*** Opening Working data ***
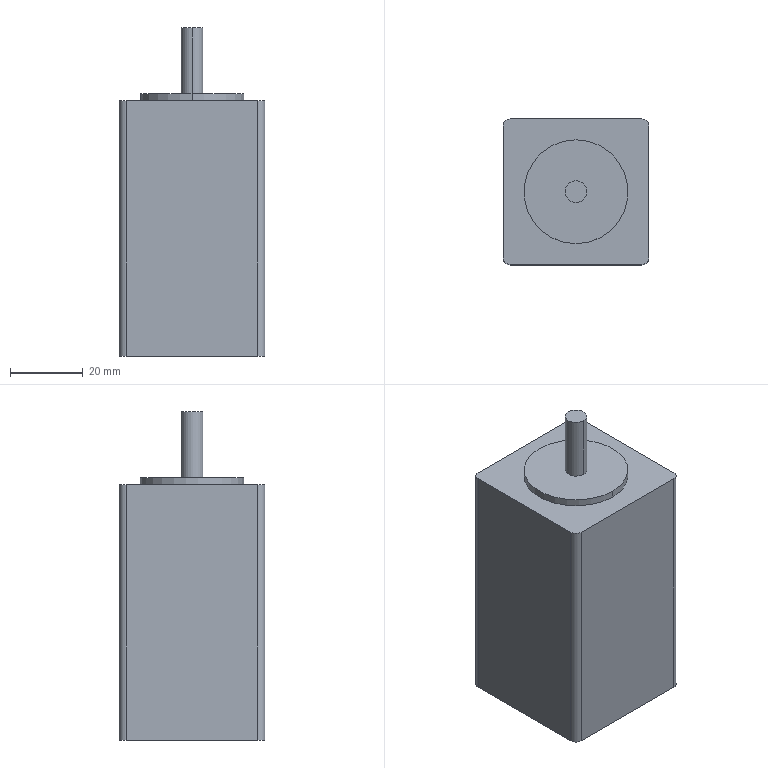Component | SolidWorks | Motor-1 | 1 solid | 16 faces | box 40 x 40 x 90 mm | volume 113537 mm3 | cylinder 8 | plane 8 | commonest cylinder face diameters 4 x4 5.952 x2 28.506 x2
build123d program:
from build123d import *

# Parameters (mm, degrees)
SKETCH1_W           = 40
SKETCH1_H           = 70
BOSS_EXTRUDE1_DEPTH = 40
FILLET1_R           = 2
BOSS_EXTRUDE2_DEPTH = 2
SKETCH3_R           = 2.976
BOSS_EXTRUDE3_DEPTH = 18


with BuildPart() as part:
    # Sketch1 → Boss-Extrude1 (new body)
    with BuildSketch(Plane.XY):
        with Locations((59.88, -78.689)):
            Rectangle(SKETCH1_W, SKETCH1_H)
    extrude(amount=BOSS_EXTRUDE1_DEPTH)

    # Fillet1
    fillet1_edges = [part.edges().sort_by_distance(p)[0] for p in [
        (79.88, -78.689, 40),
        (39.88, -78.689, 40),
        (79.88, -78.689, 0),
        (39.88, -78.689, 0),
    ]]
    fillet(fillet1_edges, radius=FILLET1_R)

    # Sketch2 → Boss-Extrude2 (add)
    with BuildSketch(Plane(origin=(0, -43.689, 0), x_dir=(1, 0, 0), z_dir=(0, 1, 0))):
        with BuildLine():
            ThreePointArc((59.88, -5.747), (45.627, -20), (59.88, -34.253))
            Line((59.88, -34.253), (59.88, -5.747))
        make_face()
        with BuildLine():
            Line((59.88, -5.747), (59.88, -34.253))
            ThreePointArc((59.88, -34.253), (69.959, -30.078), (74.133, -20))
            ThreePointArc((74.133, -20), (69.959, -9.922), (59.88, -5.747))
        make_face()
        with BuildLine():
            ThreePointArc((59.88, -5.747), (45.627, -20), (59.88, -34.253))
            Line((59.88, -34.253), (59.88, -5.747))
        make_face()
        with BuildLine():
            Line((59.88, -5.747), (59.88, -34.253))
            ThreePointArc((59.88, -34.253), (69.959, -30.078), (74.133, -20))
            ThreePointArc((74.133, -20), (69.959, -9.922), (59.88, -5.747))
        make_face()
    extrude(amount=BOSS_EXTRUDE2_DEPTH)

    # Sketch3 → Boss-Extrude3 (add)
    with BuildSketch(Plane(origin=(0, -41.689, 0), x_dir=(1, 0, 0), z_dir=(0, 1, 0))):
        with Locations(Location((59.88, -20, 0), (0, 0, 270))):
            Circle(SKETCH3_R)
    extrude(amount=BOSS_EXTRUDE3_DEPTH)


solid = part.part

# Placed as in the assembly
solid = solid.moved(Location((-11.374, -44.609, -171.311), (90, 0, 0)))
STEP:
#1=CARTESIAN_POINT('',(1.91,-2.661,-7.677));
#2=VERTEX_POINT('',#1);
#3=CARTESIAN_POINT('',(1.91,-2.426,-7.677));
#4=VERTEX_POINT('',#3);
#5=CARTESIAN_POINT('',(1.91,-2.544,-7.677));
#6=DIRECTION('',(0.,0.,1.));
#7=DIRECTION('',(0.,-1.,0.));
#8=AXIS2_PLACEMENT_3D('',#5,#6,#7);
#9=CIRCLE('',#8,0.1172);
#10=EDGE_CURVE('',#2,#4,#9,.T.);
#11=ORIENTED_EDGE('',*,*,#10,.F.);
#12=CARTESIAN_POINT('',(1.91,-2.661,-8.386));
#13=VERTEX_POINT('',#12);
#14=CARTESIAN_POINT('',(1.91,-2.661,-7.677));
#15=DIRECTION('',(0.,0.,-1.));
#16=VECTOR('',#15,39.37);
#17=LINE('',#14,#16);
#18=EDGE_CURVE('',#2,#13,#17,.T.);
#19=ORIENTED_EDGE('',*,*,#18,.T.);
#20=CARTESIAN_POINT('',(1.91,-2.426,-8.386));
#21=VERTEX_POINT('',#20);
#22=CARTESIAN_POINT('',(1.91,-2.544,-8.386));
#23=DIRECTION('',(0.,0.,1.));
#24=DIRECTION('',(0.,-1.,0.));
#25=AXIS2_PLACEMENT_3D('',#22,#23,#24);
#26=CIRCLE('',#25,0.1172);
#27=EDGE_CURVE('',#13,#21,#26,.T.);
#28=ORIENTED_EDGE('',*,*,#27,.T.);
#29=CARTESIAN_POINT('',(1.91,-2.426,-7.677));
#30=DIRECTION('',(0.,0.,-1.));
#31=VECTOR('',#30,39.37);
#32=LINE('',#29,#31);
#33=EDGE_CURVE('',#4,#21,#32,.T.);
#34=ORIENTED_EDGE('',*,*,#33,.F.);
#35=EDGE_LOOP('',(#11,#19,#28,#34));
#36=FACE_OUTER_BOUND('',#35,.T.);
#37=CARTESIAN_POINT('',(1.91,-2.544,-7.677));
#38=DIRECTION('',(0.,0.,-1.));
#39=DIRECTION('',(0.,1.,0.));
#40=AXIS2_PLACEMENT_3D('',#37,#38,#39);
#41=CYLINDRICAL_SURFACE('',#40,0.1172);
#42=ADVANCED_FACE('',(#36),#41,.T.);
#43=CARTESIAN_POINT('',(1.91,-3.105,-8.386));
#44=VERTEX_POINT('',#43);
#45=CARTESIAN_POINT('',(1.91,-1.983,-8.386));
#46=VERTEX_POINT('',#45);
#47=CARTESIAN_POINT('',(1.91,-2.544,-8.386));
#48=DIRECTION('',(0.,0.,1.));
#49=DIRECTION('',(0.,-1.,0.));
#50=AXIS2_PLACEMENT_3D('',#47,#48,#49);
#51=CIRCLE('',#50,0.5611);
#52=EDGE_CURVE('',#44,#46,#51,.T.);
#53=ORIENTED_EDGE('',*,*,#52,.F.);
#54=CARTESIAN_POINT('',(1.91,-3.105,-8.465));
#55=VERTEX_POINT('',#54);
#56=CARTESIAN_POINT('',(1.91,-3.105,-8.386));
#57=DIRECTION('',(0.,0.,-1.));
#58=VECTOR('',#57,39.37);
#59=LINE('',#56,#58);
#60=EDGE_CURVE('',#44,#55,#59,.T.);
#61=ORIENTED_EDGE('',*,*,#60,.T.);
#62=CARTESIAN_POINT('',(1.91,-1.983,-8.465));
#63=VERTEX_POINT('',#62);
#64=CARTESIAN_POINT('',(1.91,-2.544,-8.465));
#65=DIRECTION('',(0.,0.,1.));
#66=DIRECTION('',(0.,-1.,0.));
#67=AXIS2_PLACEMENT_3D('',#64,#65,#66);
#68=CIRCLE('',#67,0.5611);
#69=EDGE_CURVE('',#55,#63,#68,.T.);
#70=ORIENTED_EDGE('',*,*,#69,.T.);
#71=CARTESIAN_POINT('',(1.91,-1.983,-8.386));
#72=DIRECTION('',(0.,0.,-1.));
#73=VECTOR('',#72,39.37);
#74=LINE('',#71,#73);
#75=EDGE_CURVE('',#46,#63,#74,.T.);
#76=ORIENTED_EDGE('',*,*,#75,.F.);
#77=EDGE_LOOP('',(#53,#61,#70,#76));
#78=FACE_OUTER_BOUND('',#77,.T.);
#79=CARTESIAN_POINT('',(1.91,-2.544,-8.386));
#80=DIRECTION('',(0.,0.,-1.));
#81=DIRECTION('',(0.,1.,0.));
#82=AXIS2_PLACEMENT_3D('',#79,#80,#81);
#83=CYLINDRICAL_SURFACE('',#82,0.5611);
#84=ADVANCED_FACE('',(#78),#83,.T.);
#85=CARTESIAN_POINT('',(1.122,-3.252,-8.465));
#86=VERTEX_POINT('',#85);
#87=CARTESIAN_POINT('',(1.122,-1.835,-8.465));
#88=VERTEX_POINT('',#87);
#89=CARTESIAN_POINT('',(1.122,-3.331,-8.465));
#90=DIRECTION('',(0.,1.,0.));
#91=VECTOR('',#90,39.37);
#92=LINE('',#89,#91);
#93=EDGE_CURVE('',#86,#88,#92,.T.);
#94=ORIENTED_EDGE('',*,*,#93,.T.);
*** Closing Working data ***
[Exercise] Produce a word-for-word copy of everything above from the line holding "BOSS_EXTRUDE1_DEPTH = 40" down to the line holding "# Sketch3 → Boss-Extrude3 (add)", with both of those lines kept.

[Response to the task]
BOSS_EXTRUDE1_DEPTH = 40
FILLET1_R           = 2
BOSS_EXTRUDE2_DEPTH = 2
SKETCH3_R           = 2.976
BOSS_EXTRUDE3_DEPTH = 18


with BuildPart() as part:
    # Sketch1 → Boss-Extrude1 (new body)
    with BuildSketch(Plane.XY):
        with Locations((59.88, -78.689)):
            Rectangle(SKETCH1_W, SKETCH1_H)
    extrude(amount=BOSS_EXTRUDE1_DEPTH)

    # Fillet1
    fillet1_edges = [part.edges().sort_by_distance(p)[0] for p in [
        (79.88, -78.689, 40),
        (39.88, -78.689, 40),
        (79.88, -78.689, 0),
        (39.88, -78.689, 0),
    ]]
    fillet(fillet1_edges, radius=FILLET1_R)

    # Sketch2 → Boss-Extrude2 (add)
    with BuildSketch(Plane(origin=(0, -43.689, 0), x_dir=(1, 0, 0), z_dir=(0, 1, 0))):
        with BuildLine():
            ThreePointArc((59.88, -5.747), (45.627, -20), (59.88, -34.253))
            Line((59.88, -34.253), (59.88, -5.747))
        make_face()
        with BuildLine():
            Line((59.88, -5.747), (59.88, -34.253))
            ThreePointArc((59.88, -34.253), (69.959, -30.078), (74.133, -20))
            ThreePointArc((74.133, -20), (69.959, -9.922), (59.88, -5.747))
        make_face()
        with BuildLine():
            ThreePointArc((59.88, -5.747), (45.627, -20), (59.88, -34.253))
            Line((59.88, -34.253), (59.88, -5.747))
        make_face()
        with BuildLine():
            Line((59.88, -5.747), (59.88, -34.253))
            ThreePointArc((59.88, -34.253), (69.959, -30.078), (74.133, -20))
            ThreePointArc((74.133, -20), (69.959, -9.922), (59.88, -5.747))
        make_face()
    extrude(amount=BOSS_EXTRUDE2_DEPTH)

    # Sketch3 → Boss-Extrude3 (add)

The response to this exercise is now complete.